> **Try it**: In your copy, reproduce each entry exactly and leave out the pictures.
━━ Information shown
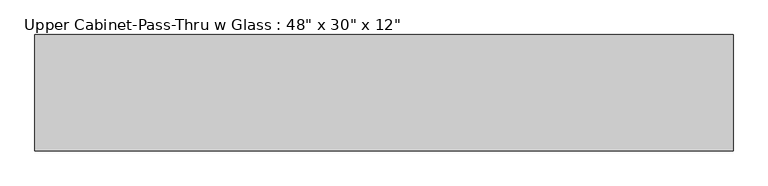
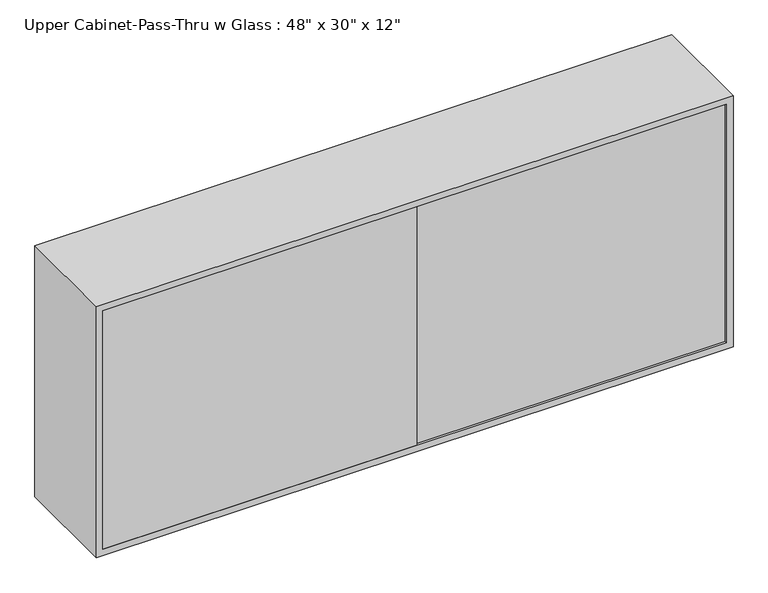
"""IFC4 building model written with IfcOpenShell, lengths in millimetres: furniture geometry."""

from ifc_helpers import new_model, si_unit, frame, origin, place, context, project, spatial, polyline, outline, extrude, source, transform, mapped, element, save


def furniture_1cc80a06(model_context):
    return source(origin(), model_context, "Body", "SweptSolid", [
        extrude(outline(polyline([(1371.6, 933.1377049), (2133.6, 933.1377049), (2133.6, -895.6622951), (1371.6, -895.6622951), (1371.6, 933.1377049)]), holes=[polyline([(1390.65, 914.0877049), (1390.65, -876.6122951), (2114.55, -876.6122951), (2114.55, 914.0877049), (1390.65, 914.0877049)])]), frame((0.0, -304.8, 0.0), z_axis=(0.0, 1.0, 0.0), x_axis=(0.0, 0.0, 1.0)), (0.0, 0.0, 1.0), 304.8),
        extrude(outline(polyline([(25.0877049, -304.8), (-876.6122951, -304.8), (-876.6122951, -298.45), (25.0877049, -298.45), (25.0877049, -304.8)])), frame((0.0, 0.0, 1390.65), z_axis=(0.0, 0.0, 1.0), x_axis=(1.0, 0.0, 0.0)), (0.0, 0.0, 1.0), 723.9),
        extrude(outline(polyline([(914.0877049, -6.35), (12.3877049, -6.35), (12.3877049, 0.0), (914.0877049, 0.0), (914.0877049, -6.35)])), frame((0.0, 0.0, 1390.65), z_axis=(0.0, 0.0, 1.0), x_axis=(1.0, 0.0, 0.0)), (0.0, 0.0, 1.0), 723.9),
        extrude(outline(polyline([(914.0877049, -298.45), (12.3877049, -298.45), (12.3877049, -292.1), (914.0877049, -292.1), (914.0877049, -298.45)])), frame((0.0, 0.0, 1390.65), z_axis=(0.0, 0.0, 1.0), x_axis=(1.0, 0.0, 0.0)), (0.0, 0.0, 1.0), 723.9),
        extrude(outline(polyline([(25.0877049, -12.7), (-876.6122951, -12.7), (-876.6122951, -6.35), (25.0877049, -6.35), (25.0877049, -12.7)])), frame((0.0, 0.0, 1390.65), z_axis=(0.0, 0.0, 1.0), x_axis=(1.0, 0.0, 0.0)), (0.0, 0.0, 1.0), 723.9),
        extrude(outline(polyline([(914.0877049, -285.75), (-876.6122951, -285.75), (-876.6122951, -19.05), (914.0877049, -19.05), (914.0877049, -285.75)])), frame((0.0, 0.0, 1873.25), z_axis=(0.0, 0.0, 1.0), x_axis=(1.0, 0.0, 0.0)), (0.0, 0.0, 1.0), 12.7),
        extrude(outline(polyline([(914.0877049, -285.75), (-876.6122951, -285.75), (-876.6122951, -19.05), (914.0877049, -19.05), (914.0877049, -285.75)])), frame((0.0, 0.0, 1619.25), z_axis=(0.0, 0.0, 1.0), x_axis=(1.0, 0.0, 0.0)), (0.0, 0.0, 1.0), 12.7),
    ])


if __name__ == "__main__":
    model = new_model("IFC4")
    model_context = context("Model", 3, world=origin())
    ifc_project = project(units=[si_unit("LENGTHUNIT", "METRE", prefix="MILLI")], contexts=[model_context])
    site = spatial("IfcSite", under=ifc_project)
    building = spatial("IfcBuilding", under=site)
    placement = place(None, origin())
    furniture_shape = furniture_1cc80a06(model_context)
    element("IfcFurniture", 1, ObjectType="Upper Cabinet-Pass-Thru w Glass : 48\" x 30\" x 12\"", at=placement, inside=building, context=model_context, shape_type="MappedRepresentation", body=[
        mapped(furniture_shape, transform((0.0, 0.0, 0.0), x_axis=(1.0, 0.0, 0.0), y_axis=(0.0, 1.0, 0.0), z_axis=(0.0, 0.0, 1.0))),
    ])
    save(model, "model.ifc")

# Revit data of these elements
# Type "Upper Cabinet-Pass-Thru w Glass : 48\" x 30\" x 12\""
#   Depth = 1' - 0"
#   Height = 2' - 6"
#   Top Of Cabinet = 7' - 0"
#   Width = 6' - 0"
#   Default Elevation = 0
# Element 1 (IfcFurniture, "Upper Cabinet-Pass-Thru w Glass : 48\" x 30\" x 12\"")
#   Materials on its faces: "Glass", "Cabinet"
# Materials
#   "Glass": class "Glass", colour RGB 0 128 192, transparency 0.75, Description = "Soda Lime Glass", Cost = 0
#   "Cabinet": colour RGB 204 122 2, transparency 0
━━━━
> **Output**:
"""IFC4 building model written with IfcOpenShell, lengths in millimetres: furniture geometry."""

from ifc_helpers import new_model, si_unit, frame, origin, place, context, project, spatial, polyline, outline, extrude, source, transform, mapped, element, save


def furniture_1cc80a06(model_context):
    return source(origin(), model_context, "Body", "SweptSolid", [
        extrude(outline(polyline([(1371.6, 933.1377049), (2133.6, 933.1377049), (2133.6, -895.6622951), (1371.6, -895.6622951), (1371.6, 933.1377049)]), holes=[polyline([(1390.65, 914.0877049), (1390.65, -876.6122951), (2114.55, -876.6122951), (2114.55, 914.0877049), (1390.65, 914.0877049)])]), frame((0.0, -304.8, 0.0), z_axis=(0.0, 1.0, 0.0), x_axis=(0.0, 0.0, 1.0)), (0.0, 0.0, 1.0), 304.8),
        extrude(outline(polyline([(25.0877049, -304.8), (-876.6122951, -304.8), (-876.6122951, -298.45), (25.0877049, -298.45), (25.0877049, -304.8)])), frame((0.0, 0.0, 1390.65), z_axis=(0.0, 0.0, 1.0), x_axis=(1.0, 0.0, 0.0)), (0.0, 0.0, 1.0), 723.9),
        extrude(outline(polyline([(914.0877049, -6.35), (12.3877049, -6.35), (12.3877049, 0.0), (914.0877049, 0.0), (914.0877049, -6.35)])), frame((0.0, 0.0, 1390.65), z_axis=(0.0, 0.0, 1.0), x_axis=(1.0, 0.0, 0.0)), (0.0, 0.0, 1.0), 723.9),
        extrude(outline(polyline([(914.0877049, -298.45), (12.3877049, -298.45), (12.3877049, -292.1), (914.0877049, -292.1), (914.0877049, -298.45)])), frame((0.0, 0.0, 1390.65), z_axis=(0.0, 0.0, 1.0), x_axis=(1.0, 0.0, 0.0)), (0.0, 0.0, 1.0), 723.9),
        extrude(outline(polyline([(25.0877049, -12.7), (-876.6122951, -12.7), (-876.6122951, -6.35), (25.0877049, -6.35), (25.0877049, -12.7)])), frame((0.0, 0.0, 1390.65), z_axis=(0.0, 0.0, 1.0), x_axis=(1.0, 0.0, 0.0)), (0.0, 0.0, 1.0), 723.9),
        extrude(outline(polyline([(914.0877049, -285.75), (-876.6122951, -285.75), (-876.6122951, -19.05), (914.0877049, -19.05), (914.0877049, -285.75)])), frame((0.0, 0.0, 1873.25), z_axis=(0.0, 0.0, 1.0), x_axis=(1.0, 0.0, 0.0)), (0.0, 0.0, 1.0), 12.7),
        extrude(outline(polyline([(914.0877049, -285.75), (-876.6122951, -285.75), (-876.6122951, -19.05), (914.0877049, -19.05), (914.0877049, -285.75)])), frame((0.0, 0.0, 1619.25), z_axis=(0.0, 0.0, 1.0), x_axis=(1.0, 0.0, 0.0)), (0.0, 0.0, 1.0), 12.7),
    ])


if __name__ == "__main__":
    model = new_model("IFC4")
    model_context = context("Model", 3, world=origin())
    ifc_project = project(units=[si_unit("LENGTHUNIT", "METRE", prefix="MILLI")], contexts=[model_context])
    site = spatial("IfcSite", under=ifc_project)
    building = spatial("IfcBuilding", under=site)
    placement = place(None, origin())
    furniture_shape = furniture_1cc80a06(model_context)
    element("IfcFurniture", 1, ObjectType="Upper Cabinet-Pass-Thru w Glass : 48\" x 30\" x 12\"", at=placement, inside=building, context=model_context, shape_type="MappedRepresentation", body=[
        mapped(furniture_shape, transform((0.0, 0.0, 0.0), x_axis=(1.0, 0.0, 0.0), y_axis=(0.0, 1.0, 0.0), z_axis=(0.0, 0.0, 1.0))),
    ])
    save(model, "model.ifc")

# Revit data of these elements
# Type "Upper Cabinet-Pass-Thru w Glass : 48\" x 30\" x 12\""
#   Depth = 1' - 0"
#   Height = 2' - 6"
#   Top Of Cabinet = 7' - 0"
#   Width = 6' - 0"
#   Default Elevation = 0
# Element 1 (IfcFurniture, "Upper Cabinet-Pass-Thru w Glass : 48\" x 30\" x 12\"")
#   Materials on its faces: "Glass", "Cabinet"
# Materials
#   "Glass": class "Glass", colour RGB 0 128 192, transparency 0.75, Description = "Soda Lime Glass", Cost = 0
#   "Cabinet": colour RGB 204 122 2, transparency 0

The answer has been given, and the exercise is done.